▶ [Exercise details]
Using the listing below, extract each line that has the word "units" in it.
====================
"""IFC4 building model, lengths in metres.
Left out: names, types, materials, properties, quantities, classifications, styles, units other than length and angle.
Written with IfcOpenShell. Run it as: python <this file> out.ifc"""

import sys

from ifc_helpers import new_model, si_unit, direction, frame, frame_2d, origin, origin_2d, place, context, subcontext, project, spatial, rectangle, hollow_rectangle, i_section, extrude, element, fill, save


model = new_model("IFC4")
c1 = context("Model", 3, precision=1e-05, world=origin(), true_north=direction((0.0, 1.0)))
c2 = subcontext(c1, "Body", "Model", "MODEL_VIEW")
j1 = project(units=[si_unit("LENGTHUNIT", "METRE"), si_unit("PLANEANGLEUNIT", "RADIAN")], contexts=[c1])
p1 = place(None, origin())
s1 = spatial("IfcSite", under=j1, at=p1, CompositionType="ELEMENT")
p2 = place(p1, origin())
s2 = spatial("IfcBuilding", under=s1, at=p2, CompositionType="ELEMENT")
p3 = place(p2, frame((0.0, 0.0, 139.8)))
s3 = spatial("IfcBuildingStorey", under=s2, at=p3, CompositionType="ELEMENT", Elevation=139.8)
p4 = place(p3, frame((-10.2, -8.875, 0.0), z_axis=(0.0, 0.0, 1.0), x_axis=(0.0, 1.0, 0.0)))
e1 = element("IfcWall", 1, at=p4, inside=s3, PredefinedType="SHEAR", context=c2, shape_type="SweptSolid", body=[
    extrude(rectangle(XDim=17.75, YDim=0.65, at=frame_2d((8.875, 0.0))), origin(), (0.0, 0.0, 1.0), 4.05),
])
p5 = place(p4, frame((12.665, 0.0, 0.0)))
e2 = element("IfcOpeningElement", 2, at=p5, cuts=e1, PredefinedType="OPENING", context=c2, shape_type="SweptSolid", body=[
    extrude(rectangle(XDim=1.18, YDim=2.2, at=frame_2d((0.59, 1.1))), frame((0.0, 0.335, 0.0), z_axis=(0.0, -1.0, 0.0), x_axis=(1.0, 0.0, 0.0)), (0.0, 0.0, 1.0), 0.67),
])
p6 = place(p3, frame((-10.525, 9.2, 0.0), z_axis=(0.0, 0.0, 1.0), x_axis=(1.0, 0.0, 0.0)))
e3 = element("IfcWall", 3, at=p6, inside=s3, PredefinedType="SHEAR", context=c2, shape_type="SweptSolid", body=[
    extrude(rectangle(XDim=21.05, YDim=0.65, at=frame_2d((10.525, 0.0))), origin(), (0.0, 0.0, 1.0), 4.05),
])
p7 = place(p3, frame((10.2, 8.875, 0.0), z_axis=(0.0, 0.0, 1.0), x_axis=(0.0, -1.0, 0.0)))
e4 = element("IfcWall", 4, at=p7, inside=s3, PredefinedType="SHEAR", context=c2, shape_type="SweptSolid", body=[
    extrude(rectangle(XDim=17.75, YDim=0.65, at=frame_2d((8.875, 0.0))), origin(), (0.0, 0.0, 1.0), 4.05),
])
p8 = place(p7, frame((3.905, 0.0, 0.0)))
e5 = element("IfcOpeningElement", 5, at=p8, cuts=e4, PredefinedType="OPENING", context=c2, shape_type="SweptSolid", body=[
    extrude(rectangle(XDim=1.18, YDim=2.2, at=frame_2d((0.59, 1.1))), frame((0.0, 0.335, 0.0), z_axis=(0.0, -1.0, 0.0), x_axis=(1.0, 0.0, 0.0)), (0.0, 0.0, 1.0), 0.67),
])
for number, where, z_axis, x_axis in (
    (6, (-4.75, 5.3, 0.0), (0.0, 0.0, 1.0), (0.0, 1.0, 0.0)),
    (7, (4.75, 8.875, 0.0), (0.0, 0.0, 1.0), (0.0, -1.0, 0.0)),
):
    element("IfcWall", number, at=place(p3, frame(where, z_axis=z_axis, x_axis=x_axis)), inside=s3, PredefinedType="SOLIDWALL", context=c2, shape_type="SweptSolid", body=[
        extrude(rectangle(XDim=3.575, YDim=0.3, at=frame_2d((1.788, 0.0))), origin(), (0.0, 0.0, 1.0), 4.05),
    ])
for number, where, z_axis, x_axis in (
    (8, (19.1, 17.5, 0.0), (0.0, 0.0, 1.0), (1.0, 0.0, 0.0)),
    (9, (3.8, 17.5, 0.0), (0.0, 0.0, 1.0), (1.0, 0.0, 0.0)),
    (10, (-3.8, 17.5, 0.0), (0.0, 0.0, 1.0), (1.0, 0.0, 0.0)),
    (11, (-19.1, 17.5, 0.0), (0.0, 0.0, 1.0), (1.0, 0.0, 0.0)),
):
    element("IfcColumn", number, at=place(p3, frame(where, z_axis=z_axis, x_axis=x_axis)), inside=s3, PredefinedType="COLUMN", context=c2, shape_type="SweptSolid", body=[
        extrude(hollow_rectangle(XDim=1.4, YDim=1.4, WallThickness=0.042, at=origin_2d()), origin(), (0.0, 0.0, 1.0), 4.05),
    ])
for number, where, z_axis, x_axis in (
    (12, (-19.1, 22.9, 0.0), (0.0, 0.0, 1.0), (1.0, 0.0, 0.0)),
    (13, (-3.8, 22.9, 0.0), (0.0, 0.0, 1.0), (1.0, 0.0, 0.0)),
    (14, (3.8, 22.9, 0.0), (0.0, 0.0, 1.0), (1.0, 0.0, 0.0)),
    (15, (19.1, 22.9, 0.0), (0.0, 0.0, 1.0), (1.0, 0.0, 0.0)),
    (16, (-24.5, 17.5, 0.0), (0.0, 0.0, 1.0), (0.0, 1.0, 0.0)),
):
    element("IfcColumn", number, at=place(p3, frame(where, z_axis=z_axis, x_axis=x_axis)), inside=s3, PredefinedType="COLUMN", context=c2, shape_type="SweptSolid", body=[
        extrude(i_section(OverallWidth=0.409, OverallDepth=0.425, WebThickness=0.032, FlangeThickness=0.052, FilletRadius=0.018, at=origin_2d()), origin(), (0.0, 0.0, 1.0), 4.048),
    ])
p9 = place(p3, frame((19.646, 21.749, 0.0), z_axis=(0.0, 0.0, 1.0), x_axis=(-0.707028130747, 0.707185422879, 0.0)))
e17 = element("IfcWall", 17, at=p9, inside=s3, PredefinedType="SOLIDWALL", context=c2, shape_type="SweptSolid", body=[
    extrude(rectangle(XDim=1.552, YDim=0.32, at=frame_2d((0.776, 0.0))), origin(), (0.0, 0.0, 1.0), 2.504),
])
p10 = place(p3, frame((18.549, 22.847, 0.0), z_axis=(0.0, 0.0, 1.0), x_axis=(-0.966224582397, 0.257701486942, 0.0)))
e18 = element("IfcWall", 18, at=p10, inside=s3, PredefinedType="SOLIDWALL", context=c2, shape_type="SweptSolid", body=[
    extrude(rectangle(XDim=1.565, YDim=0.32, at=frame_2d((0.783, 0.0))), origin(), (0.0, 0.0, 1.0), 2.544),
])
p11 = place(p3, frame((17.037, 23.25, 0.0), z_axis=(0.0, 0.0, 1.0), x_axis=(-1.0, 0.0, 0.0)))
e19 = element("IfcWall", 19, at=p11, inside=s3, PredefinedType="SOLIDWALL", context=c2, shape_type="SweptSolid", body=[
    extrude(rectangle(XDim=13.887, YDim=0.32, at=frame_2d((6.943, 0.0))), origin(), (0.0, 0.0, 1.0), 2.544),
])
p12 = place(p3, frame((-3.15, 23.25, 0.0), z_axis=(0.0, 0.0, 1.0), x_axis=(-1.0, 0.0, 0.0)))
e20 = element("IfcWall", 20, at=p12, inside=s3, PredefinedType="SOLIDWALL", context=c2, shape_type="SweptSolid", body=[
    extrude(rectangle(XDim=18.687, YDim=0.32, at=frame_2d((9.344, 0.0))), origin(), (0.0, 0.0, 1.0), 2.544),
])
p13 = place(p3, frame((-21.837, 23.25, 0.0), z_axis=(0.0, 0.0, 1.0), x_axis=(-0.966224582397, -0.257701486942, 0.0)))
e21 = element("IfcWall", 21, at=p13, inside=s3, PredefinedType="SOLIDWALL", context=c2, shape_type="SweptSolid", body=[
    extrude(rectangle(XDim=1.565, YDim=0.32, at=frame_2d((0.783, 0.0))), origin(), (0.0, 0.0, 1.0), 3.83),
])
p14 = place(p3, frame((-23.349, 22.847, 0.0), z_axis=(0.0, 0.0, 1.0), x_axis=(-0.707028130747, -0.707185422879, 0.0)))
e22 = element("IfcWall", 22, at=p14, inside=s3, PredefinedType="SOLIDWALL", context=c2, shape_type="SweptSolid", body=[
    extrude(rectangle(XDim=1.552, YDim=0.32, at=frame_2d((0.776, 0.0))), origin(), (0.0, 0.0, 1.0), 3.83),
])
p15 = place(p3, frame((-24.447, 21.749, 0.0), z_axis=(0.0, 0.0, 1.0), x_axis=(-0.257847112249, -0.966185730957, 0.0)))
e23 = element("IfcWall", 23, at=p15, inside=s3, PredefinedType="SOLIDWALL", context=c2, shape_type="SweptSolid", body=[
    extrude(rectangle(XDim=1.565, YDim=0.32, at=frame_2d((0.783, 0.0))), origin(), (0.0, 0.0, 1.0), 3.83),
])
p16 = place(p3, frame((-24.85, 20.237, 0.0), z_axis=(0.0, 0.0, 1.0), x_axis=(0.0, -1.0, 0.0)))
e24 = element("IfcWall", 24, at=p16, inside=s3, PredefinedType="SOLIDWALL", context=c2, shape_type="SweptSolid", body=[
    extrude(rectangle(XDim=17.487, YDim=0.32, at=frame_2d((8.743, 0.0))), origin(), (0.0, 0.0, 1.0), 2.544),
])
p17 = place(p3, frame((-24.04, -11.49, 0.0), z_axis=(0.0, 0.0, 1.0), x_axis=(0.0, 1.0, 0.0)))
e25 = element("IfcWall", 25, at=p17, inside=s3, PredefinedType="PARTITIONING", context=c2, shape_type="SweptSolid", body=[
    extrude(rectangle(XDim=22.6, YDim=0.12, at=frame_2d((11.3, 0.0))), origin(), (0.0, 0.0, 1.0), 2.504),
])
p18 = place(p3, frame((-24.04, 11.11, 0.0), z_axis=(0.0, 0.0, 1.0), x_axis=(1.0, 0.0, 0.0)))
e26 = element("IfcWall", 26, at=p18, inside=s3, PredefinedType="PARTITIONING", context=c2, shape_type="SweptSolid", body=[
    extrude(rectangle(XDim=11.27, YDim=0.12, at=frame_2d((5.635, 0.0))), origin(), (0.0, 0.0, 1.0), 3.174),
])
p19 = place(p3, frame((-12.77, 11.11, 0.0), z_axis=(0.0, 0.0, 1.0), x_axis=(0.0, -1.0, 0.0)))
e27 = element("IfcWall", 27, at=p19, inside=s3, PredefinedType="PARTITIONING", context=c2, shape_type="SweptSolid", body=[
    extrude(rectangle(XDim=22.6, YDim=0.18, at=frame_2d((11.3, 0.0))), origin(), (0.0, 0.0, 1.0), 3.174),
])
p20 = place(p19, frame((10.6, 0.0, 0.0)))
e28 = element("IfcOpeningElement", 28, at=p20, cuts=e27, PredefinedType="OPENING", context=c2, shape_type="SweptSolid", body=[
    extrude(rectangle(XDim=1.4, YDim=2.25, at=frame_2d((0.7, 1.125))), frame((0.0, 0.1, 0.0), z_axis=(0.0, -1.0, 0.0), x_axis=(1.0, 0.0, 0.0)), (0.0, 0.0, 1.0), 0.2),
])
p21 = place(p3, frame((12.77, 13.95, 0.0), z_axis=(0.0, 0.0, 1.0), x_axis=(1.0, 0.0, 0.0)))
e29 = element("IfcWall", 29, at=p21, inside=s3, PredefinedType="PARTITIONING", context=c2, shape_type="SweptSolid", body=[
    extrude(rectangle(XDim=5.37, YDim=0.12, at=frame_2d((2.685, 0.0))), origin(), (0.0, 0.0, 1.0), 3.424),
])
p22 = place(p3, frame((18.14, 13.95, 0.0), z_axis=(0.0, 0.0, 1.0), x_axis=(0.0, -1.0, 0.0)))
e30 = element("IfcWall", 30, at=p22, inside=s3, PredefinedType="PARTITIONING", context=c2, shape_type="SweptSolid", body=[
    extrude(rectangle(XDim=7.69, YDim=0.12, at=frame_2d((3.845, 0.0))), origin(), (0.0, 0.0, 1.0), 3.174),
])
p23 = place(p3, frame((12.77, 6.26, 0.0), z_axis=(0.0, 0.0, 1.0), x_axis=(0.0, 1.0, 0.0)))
====================
▶ [Worked solution]
Left out: names, types, materials, properties, quantities, classifications, styles, units other than length and angle.
j1 = project(units=[si_unit("LENGTHUNIT", "METRE"), si_unit("PLANEANGLEUNIT", "RADIAN")], contexts=[c1])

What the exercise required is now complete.